Exercise: Somewhere below is a line with "#165=DIRECTION('',(1.,0.,0.));" and, later, a line with "#216=AXIS2_PLACEMENT_3D('',#213,#214,#215);"; repeat those two lines and all the lines between them, exactly as they are.
▼
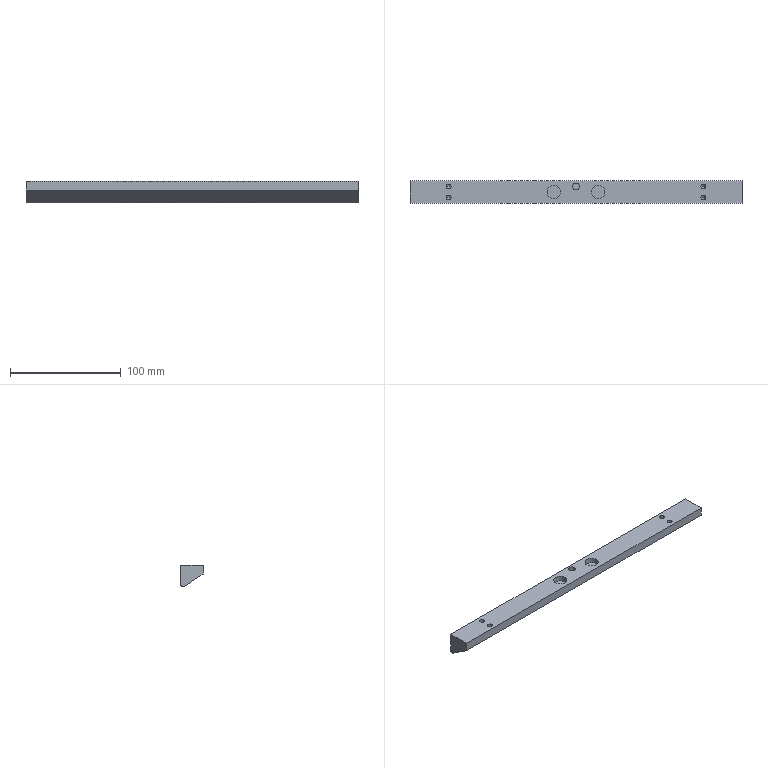Component | SolidWorks | STB-08-007-1 | 1 solid | 32 faces | box 300 x 20 x 19.6 mm | volume 85249 mm3 | cylinder 15 | plane 9 | cone 8 | commonest cylinder face diameters 4.2 x8 12 x4 6.2 x2 4 x1 | material Brass
STEP:
#1=CARTESIAN_POINT('',(-3.579,4.331,-1.417));
#2=VERTEX_POINT('',#1);
#3=CARTESIAN_POINT('',(-3.106,4.331,-1.417));
#4=VERTEX_POINT('',#3);
#5=CARTESIAN_POINT('',(-3.343,4.331,-1.417));
#6=DIRECTION('',(0.,-0.,1.));
#7=DIRECTION('',(1.,0.,0.));
#8=AXIS2_PLACEMENT_3D('',#5,#6,#7);
#9=CIRCLE('',#8,0.2362);
#10=EDGE_CURVE('',#2,#4,#9,.T.);
#11=ORIENTED_EDGE('',*,*,#10,.F.);
#12=CARTESIAN_POINT('',(-3.579,4.331,-1.22));
#13=VERTEX_POINT('',#12);
#14=CARTESIAN_POINT('',(-3.579,4.331,-1.417));
#15=DIRECTION('',(0.,-0.,1.));
#16=VECTOR('',#15,39.37);
#17=LINE('',#14,#16);
#18=EDGE_CURVE('',#2,#13,#17,.T.);
#19=ORIENTED_EDGE('',*,*,#18,.T.);
#20=CARTESIAN_POINT('',(-3.106,4.331,-1.22));
#21=VERTEX_POINT('',#20);
#22=CARTESIAN_POINT('',(-3.343,4.331,-1.22));
#23=DIRECTION('',(0.,-0.,1.));
#24=DIRECTION('',(1.,0.,0.));
#25=AXIS2_PLACEMENT_3D('',#22,#23,#24);
#26=CIRCLE('',#25,0.2362);
#27=EDGE_CURVE('',#13,#21,#26,.T.);
#28=ORIENTED_EDGE('',*,*,#27,.T.);
#29=CARTESIAN_POINT('',(-3.106,4.331,-1.417));
#30=DIRECTION('',(0.,-0.,1.));
#31=VECTOR('',#30,39.37);
#32=LINE('',#29,#31);
#33=EDGE_CURVE('',#4,#21,#32,.T.);
#34=ORIENTED_EDGE('',*,*,#33,.F.);
#35=EDGE_LOOP('',(#11,#19,#28,#34));
#36=FACE_OUTER_BOUND('',#35,.T.);
#37=CARTESIAN_POINT('',(-3.343,4.331,-1.417));
#38=DIRECTION('',(0.,-0.,1.));
#39=DIRECTION('',(1.,0.,0.));
#40=AXIS2_PLACEMENT_3D('',#37,#38,#39);
#41=CYLINDRICAL_SURFACE('',#40,0.2362);
#42=ADVANCED_FACE('',(#36),#41,.F.);
#43=CARTESIAN_POINT('',(-5.154,4.331,-1.417));
#44=VERTEX_POINT('',#43);
#45=CARTESIAN_POINT('',(-4.681,4.331,-1.417));
#46=VERTEX_POINT('',#45);
#47=CARTESIAN_POINT('',(-4.917,4.331,-1.417));
#48=DIRECTION('',(0.,-0.,1.));
#49=DIRECTION('',(1.,0.,0.));
#50=AXIS2_PLACEMENT_3D('',#47,#48,#49);
#51=CIRCLE('',#50,0.2362);
#52=EDGE_CURVE('',#44,#46,#51,.T.);
#53=ORIENTED_EDGE('',*,*,#52,.F.);
#54=CARTESIAN_POINT('',(-5.154,4.331,-1.22));
#55=VERTEX_POINT('',#54);
#56=CARTESIAN_POINT('',(-5.154,4.331,-1.417));
#57=DIRECTION('',(0.,-0.,1.));
#58=VECTOR('',#57,39.37);
#59=LINE('',#56,#58);
#60=EDGE_CURVE('',#44,#55,#59,.T.);
#61=ORIENTED_EDGE('',*,*,#60,.T.);
#62=CARTESIAN_POINT('',(-4.681,4.331,-1.22));
#63=VERTEX_POINT('',#62);
#64=CARTESIAN_POINT('',(-4.917,4.331,-1.22));
#65=DIRECTION('',(0.,-0.,1.));
#66=DIRECTION('',(1.,0.,0.));
#67=AXIS2_PLACEMENT_3D('',#64,#65,#66);
#68=CIRCLE('',#67,0.2362);
#69=EDGE_CURVE('',#55,#63,#68,.T.);
#70=ORIENTED_EDGE('',*,*,#69,.T.);
#71=CARTESIAN_POINT('',(-4.681,4.331,-1.417));
#72=DIRECTION('',(0.,-0.,1.));
#73=VECTOR('',#72,39.37);
#74=LINE('',#71,#73);
#75=EDGE_CURVE('',#46,#63,#74,.T.);
#76=ORIENTED_EDGE('',*,*,#75,.F.);
#77=EDGE_LOOP('',(#53,#61,#70,#76));
#78=FACE_OUTER_BOUND('',#77,.T.);
#79=CARTESIAN_POINT('',(-4.917,4.331,-1.417));
#80=DIRECTION('',(0.,-0.,1.));
#81=DIRECTION('',(1.,0.,0.));
#82=AXIS2_PLACEMENT_3D('',#79,#80,#81);
#83=CYLINDRICAL_SURFACE('',#82,0.2362);
#84=ADVANCED_FACE('',(#78),#83,.F.);
#85=CARTESIAN_POINT('',(-4.13,4.405,-1.417));
#86=VERTEX_POINT('',#85);
#87=CARTESIAN_POINT('',(-4.13,4.65,-1.417));
#88=VERTEX_POINT('',#87);
#89=CARTESIAN_POINT('',(-4.13,4.528,-1.417));
#90=DIRECTION('',(0.,-0.,1.));
#91=DIRECTION('',(0.,1.,0.));
#92=AXIS2_PLACEMENT_3D('',#89,#90,#91);
#93=CIRCLE('',#92,0.122);
#94=EDGE_CURVE('',#86,#88,#93,.T.);
#95=ORIENTED_EDGE('',*,*,#94,.F.);
#96=CARTESIAN_POINT('',(-4.13,4.405,-1.22));
#97=VERTEX_POINT('',#96);
#98=CARTESIAN_POINT('',(-4.13,4.405,-1.417));
#99=DIRECTION('',(0.,-0.,1.));
#100=VECTOR('',#99,39.37);
#101=LINE('',#98,#100);
#102=EDGE_CURVE('',#86,#97,#101,.T.);
#103=ORIENTED_EDGE('',*,*,#102,.T.);
#104=CARTESIAN_POINT('',(-4.13,4.65,-1.22));
#105=VERTEX_POINT('',#104);
#106=CARTESIAN_POINT('',(-4.13,4.528,-1.22));
#107=DIRECTION('',(0.,-0.,1.));
#108=DIRECTION('',(0.,1.,0.));
#109=AXIS2_PLACEMENT_3D('',#106,#107,#108);
#110=CIRCLE('',#109,0.122);
#111=EDGE_CURVE('',#97,#105,#110,.T.);
#112=ORIENTED_EDGE('',*,*,#111,.T.);
#113=CARTESIAN_POINT('',(-4.13,4.65,-1.417));
#114=DIRECTION('',(0.,-0.,1.));
#115=VECTOR('',#114,39.37);
#116=LINE('',#113,#115);
#117=EDGE_CURVE('',#88,#105,#116,.T.);
#118=ORIENTED_EDGE('',*,*,#117,.F.);
#119=EDGE_LOOP('',(#95,#103,#112,#118));
#120=FACE_OUTER_BOUND('',#119,.T.);
#121=CARTESIAN_POINT('',(-4.13,4.528,-1.417));
#122=DIRECTION('',(0.,-0.,1.));
#123=DIRECTION('',(0.,1.,0.));
#124=AXIS2_PLACEMENT_3D('',#121,#122,#123);
#125=CYLINDRICAL_SURFACE('',#124,0.122);
#126=ADVANCED_FACE('',(#120),#125,.F.);
#127=CARTESIAN_POINT('',(-8.74,4.528,-1.575));
#128=VERTEX_POINT('',#127);
#129=CARTESIAN_POINT('',(-8.575,4.528,-1.575));
#130=VERTEX_POINT('',#129);
#131=CARTESIAN_POINT('',(-8.658,4.528,-1.575));
#132=DIRECTION('',(0.,-0.,1.));
#133=DIRECTION('',(1.,0.,0.));
#134=AXIS2_PLACEMENT_3D('',#131,#132,#133);
#135=CIRCLE('',#134,0.08268);
#136=EDGE_CURVE('',#128,#130,#135,.T.);
#137=ORIENTED_EDGE('',*,*,#136,.F.);
#138=CARTESIAN_POINT('',(-8.74,4.528,-1.22));
#139=VERTEX_POINT('',#138);
#140=CARTESIAN_POINT('',(-8.74,4.528,-1.22));
#141=DIRECTION('',(0.,-0.,1.));
#142=VECTOR('',#141,39.37);
#143=LINE('',#140,#142);
#144=EDGE_CURVE('',#128,#139,#143,.T.);
#145=ORIENTED_EDGE('',*,*,#144,.T.);
#146=CARTESIAN_POINT('',(-8.575,4.528,-1.22));
#147=VERTEX_POINT('',#146);
#148=CARTESIAN_POINT('',(-8.658,4.528,-1.22));
#149=DIRECTION('',(0.,-0.,1.));
#150=DIRECTION('',(1.,0.,0.));
#151=AXIS2_PLACEMENT_3D('',#148,#149,#150);
#152=CIRCLE('',#151,0.08268);
#153=EDGE_CURVE('',#139,#147,#152,.T.);
#154=ORIENTED_EDGE('',*,*,#153,.T.);
#155=CARTESIAN_POINT('',(-8.575,4.528,-1.22));
#156=DIRECTION('',(0.,-0.,1.));
#157=VECTOR('',#156,39.37);
#158=LINE('',#155,#157);
#159=EDGE_CURVE('',#130,#147,#158,.T.);
#160=ORIENTED_EDGE('',*,*,#159,.F.);
#161=EDGE_LOOP('',(#137,#145,#154,#160));
#162=FACE_OUTER_BOUND('',#161,.T.);
#163=CARTESIAN_POINT('',(-8.658,4.528,-1.22));
#164=DIRECTION('',(0.,-0.,1.));
#165=DIRECTION('',(1.,0.,0.));
#166=AXIS2_PLACEMENT_3D('',#163,#164,#165);
#167=CYLINDRICAL_SURFACE('',#166,0.08268);
#168=ADVANCED_FACE('',(#162),#167,.F.);
#169=CARTESIAN_POINT('',(-8.658,4.528,-1.624));
#170=VERTEX_POINT('',#169);
#171=CARTESIAN_POINT('',(-8.575,4.528,-1.575));
#172=DIRECTION('',(0.8572,-0.,0.515));
#173=VECTOR('',#172,39.37);
#174=LINE('',#171,#173);
#175=EDGE_CURVE('',#170,#130,#174,.T.);
#176=ORIENTED_EDGE('',*,*,#175,.F.);
#177=CARTESIAN_POINT('',(-8.74,4.528,-1.575));
#178=DIRECTION('',(-0.8572,0.,0.515));
#179=VECTOR('',#178,39.37);
#180=LINE('',#177,#179);
#181=EDGE_CURVE('',#170,#128,#180,.T.);
#182=ORIENTED_EDGE('',*,*,#181,.T.);
#183=ORIENTED_EDGE('',*,*,#136,.T.);
#184=EDGE_LOOP('',(#176,#182,#183));
#185=FACE_OUTER_BOUND('',#184,.T.);
#186=CARTESIAN_POINT('',(-8.658,4.528,-1.575));
#187=DIRECTION('',(0.,-0.,1.));
#188=DIRECTION('',(1.,0.,0.));
#189=AXIS2_PLACEMENT_3D('',#186,#187,#188);
#190=CONICAL_SURFACE('',#189,0.08268,1.03);
#191=ADVANCED_FACE('',(#185),#190,.F.);
#192=CARTESIAN_POINT('',(-8.74,4.134,-1.575));
#193=VERTEX_POINT('',#192);
#194=CARTESIAN_POINT('',(-8.575,4.134,-1.575));
#195=VERTEX_POINT('',#194);
#196=CARTESIAN_POINT('',(-8.658,4.134,-1.575));
#197=DIRECTION('',(0.,-0.,1.));
#198=DIRECTION('',(1.,0.,0.));
#199=AXIS2_PLACEMENT_3D('',#196,#197,#198);
#200=CIRCLE('',#199,0.08268);
#201=EDGE_CURVE('',#193,#195,#200,.T.);
#202=ORIENTED_EDGE('',*,*,#201,.F.);
#203=CARTESIAN_POINT('',(-8.74,4.134,-1.22));
#204=VERTEX_POINT('',#203);
#205=CARTESIAN_POINT('',(-8.74,4.134,-1.22));
#206=DIRECTION('',(0.,-0.,1.));
#207=VECTOR('',#206,39.37);
#208=LINE('',#205,#207);
#209=EDGE_CURVE('',#193,#204,#208,.T.);
#210=ORIENTED_EDGE('',*,*,#209,.T.);
#211=CARTESIAN_POINT('',(-8.575,4.134,-1.22));
#212=VERTEX_POINT('',#211);
#213=CARTESIAN_POINT('',(-8.658,4.134,-1.22));
#214=DIRECTION('',(0.,-0.,1.));
#215=DIRECTION('',(1.,0.,0.));
#216=AXIS2_PLACEMENT_3D('',#213,#214,#215);
#217=CIRCLE('',#216,0.08268);
#218=EDGE_CURVE('',#204,#212,#217,.T.);
#219=ORIENTED_EDGE('',*,*,#218,.T.);
#220=CARTESIAN_POINT('',(-8.575,4.134,-1.22));
#221=DIRECTION('',(0.,-0.,1.));
#222=VECTOR('',#221,39.37);
#223=LINE('',#220,#222);
#224=EDGE_CURVE('',#195,#212,#223,.T.);
#225=ORIENTED_EDGE('',*,*,#224,.F.);
#226=EDGE_LOOP('',(#202,#210,#219,#225));
#227=FACE_OUTER_BOUND('',#226,.T.);
#228=CARTESIAN_POINT('',(-8.658,4.134,-1.22));
#229=DIRECTION('',(0.,-0.,1.));
#230=DIRECTION('',(1.,0.,0.));
#231=AXIS2_PLACEMENT_3D('',#228,#229,#230);
#232=CYLINDRICAL_SURFACE('',#231,0.08268);
#233=ADVANCED_FACE('',(#227),#232,.F.);
#234=CARTESIAN_POINT('',(-8.658,4.134,-1.624));
#235=VERTEX_POINT('',#234);
#236=CARTESIAN_POINT('',(-8.575,4.134,-1.575));
#237=DIRECTION('',(0.8572,-0.,0.515));
#238=VECTOR('',#237,39.37);
#239=LINE('',#236,#238);
#240=EDGE_CURVE('',#235,#195,#239,.T.);
#241=ORIENTED_EDGE('',*,*,#240,.F.);
#242=CARTESIAN_POINT('',(-8.74,4.134,-1.575));
#243=DIRECTION('',(-0.8572,0.,0.515));
#244=VECTOR('',#243,39.37);
#245=LINE('',#242,#244);
#246=EDGE_CURVE('',#235,#193,#245,.T.);
#247=ORIENTED_EDGE('',*,*,#246,.T.);
#248=ORIENTED_EDGE('',*,*,#201,.T.);
#249=EDGE_LOOP('',(#241,#247,#248));
#250=FACE_OUTER_BOUND('',#249,.T.);
#251=CARTESIAN_POINT('',(-8.658,4.134,-1.575));
#252=DIRECTION('',(0.,-0.,1.));
#253=DIRECTION('',(1.,0.,0.));
#254=AXIS2_PLACEMENT_3D('',#251,#252,#253);
#255=CONICAL_SURFACE('',#254,0.08268,1.03);
#256=ADVANCED_FACE('',(#250),#255,.F.);
#257=CARTESIAN_POINT('',(0.3148,4.528,-1.575));
#258=VERTEX_POINT('',#257);
#259=CARTESIAN_POINT('',(0.4802,4.528,-1.575));
#260=VERTEX_POINT('',#259);
#261=CARTESIAN_POINT('',(0.3975,4.528,-1.575));
#262=DIRECTION('',(0.,-0.,1.));
#263=DIRECTION('',(1.,0.,0.));
#264=AXIS2_PLACEMENT_3D('',#261,#262,#263);
#265=CIRCLE('',#264,0.08268);
#266=EDGE_CURVE('',#258,#260,#265,.T.);
#267=ORIENTED_EDGE('',*,*,#266,.F.);
#268=CARTESIAN_POINT('',(0.3148,4.528,-1.22));
#269=VERTEX_POINT('',#268);
#270=CARTESIAN_POINT('',(0.3148,4.528,-1.22));
#271=DIRECTION('',(0.,-0.,1.));
#272=VECTOR('',#271,39.37);
#273=LINE('',#270,#272);
#274=EDGE_CURVE('',#258,#269,#273,.T.);
#275=ORIENTED_EDGE('',*,*,#274,.T.);
#276=CARTESIAN_POINT('',(0.4802,4.528,-1.22));
#277=VERTEX_POINT('',#276);
#278=CARTESIAN_POINT('',(0.3975,4.528,-1.22));
#279=DIRECTION('',(0.,-0.,1.));
#280=DIRECTION('',(1.,0.,0.));
#281=AXIS2_PLACEMENT_3D('',#278,#279,#280);
#282=CIRCLE('',#281,0.08268);
#283=EDGE_CURVE('',#269,#277,#282,.T.);
#284=ORIENTED_EDGE('',*,*,#283,.T.);
#285=CARTESIAN_POINT('',(0.4802,4.528,-1.22));
#286=DIRECTION('',(0.,-0.,1.));
#287=VECTOR('',#286,39.37);
#288=LINE('',#285,#287);
#289=EDGE_CURVE('',#260,#277,#288,.T.);
#290=ORIENTED_EDGE('',*,*,#289,.F.);
#291=EDGE_LOOP('',(#267,#275,#284,#290));
#292=FACE_OUTER_BOUND('',#291,.T.);
#293=CARTESIAN_POINT('',(0.3975,4.528,-1.22));
#294=DIRECTION('',(0.,-0.,1.));
#295=DIRECTION('',(1.,0.,0.));
#296=AXIS2_PLACEMENT_3D('',#293,#294,#295);
#297=CYLINDRICAL_SURFACE('',#296,0.08268);
#298=ADVANCED_FACE('',(#292),#297,.F.);
#299=CARTESIAN_POINT('',(0.3975,4.528,-1.624));
#300=VERTEX_POINT('',#299);
#301=CARTESIAN_POINT('',(0.4802,4.528,-1.575));
#302=DIRECTION('',(0.8572,-0.,0.515));
#303=VECTOR('',#302,39.37);
#304=LINE('',#301,#303);
#305=EDGE_CURVE('',#300,#260,#304,.T.);
#306=ORIENTED_EDGE('',*,*,#305,.F.);
#307=CARTESIAN_POINT('',(0.3148,4.528,-1.575));
#308=DIRECTION('',(-0.8572,0.,0.515));
#309=VECTOR('',#308,39.37);
#310=LINE('',#307,#309);
#311=EDGE_CURVE('',#300,#258,#310,.T.);
#312=ORIENTED_EDGE('',*,*,#311,.T.);
#313=ORIENTED_EDGE('',*,*,#266,.T.);
#314=EDGE_LOOP('',(#306,#312,#313));
#315=FACE_OUTER_BOUND('',#314,.T.);
#316=CARTESIAN_POINT('',(0.3975,4.528,-1.575));
#317=DIRECTION('',(0.,-0.,1.));
#318=DIRECTION('',(1.,0.,0.));
#319=AXIS2_PLACEMENT_3D('',#316,#317,#318);
#320=CONICAL_SURFACE('',#319,0.08268,1.03);
#321=ADVANCED_FACE('',(#315),#320,.F.);
#322=CARTESIAN_POINT('',(0.3148,4.134,-1.575));
#323=VERTEX_POINT('',#322);
#324=CARTESIAN_POINT('',(0.4802,4.134,-1.575));
#325=VERTEX_POINT('',#324);
#326=CARTESIAN_POINT('',(0.3975,4.134,-1.575));
#327=DIRECTION('',(0.,-0.,1.));
#328=DIRECTION('',(1.,0.,0.));
#329=AXIS2_PLACEMENT_3D('',#326,#327,#328);
#330=CIRCLE('',#329,0.08268);
#331=EDGE_CURVE('',#323,#325,#330,.T.);
#332=ORIENTED_EDGE('',*,*,#331,.F.);
#333=CARTESIAN_POINT('',(0.3148,4.134,-1.22));
#334=VERTEX_POINT('',#333);
#335=CARTESIAN_POINT('',(0.3148,4.134,-1.22));
#336=DIRECTION('',(0.,-0.,1.));
#337=VECTOR('',#336,39.37);
#338=LINE('',#335,#337);
#339=EDGE_CURVE('',#323,#334,#338,.T.);
#340=ORIENTED_EDGE('',*,*,#339,.T.);
#341=CARTESIAN_POINT('',(0.4802,4.134,-1.22));
#342=VERTEX_POINT('',#341);
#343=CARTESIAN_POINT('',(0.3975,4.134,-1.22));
▲
Output of the task:
#165=DIRECTION('',(1.,0.,0.));
#166=AXIS2_PLACEMENT_3D('',#163,#164,#165);
#167=CYLINDRICAL_SURFACE('',#166,0.08268);
#168=ADVANCED_FACE('',(#162),#167,.F.);
#169=CARTESIAN_POINT('',(-8.658,4.528,-1.624));
#170=VERTEX_POINT('',#169);
#171=CARTESIAN_POINT('',(-8.575,4.528,-1.575));
#172=DIRECTION('',(0.8572,-0.,0.515));
#173=VECTOR('',#172,39.37);
#174=LINE('',#171,#173);
#175=EDGE_CURVE('',#170,#130,#174,.T.);
#176=ORIENTED_EDGE('',*,*,#175,.F.);
#177=CARTESIAN_POINT('',(-8.74,4.528,-1.575));
#178=DIRECTION('',(-0.8572,0.,0.515));
#179=VECTOR('',#178,39.37);
#180=LINE('',#177,#179);
#181=EDGE_CURVE('',#170,#128,#180,.T.);
#182=ORIENTED_EDGE('',*,*,#181,.T.);
#183=ORIENTED_EDGE('',*,*,#136,.T.);
#184=EDGE_LOOP('',(#176,#182,#183));
#185=FACE_OUTER_BOUND('',#184,.T.);
#186=CARTESIAN_POINT('',(-8.658,4.528,-1.575));
#187=DIRECTION('',(0.,-0.,1.));
#188=DIRECTION('',(1.,0.,0.));
#189=AXIS2_PLACEMENT_3D('',#186,#187,#188);
#190=CONICAL_SURFACE('',#189,0.08268,1.03);
#191=ADVANCED_FACE('',(#185),#190,.F.);
#192=CARTESIAN_POINT('',(-8.74,4.134,-1.575));
#193=VERTEX_POINT('',#192);
#194=CARTESIAN_POINT('',(-8.575,4.134,-1.575));
#195=VERTEX_POINT('',#194);
#196=CARTESIAN_POINT('',(-8.658,4.134,-1.575));
#197=DIRECTION('',(0.,-0.,1.));
#198=DIRECTION('',(1.,0.,0.));
#199=AXIS2_PLACEMENT_3D('',#196,#197,#198);
#200=CIRCLE('',#199,0.08268);
#201=EDGE_CURVE('',#193,#195,#200,.T.);
#202=ORIENTED_EDGE('',*,*,#201,.F.);
#203=CARTESIAN_POINT('',(-8.74,4.134,-1.22));
#204=VERTEX_POINT('',#203);
#205=CARTESIAN_POINT('',(-8.74,4.134,-1.22));
#206=DIRECTION('',(0.,-0.,1.));
#207=VECTOR('',#206,39.37);
#208=LINE('',#205,#207);
#209=EDGE_CURVE('',#193,#204,#208,.T.);
#210=ORIENTED_EDGE('',*,*,#209,.T.);
#211=CARTESIAN_POINT('',(-8.575,4.134,-1.22));
#212=VERTEX_POINT('',#211);
#213=CARTESIAN_POINT('',(-8.658,4.134,-1.22));
#214=DIRECTION('',(0.,-0.,1.));
#215=DIRECTION('',(1.,0.,0.));
#216=AXIS2_PLACEMENT_3D('',#213,#214,#215);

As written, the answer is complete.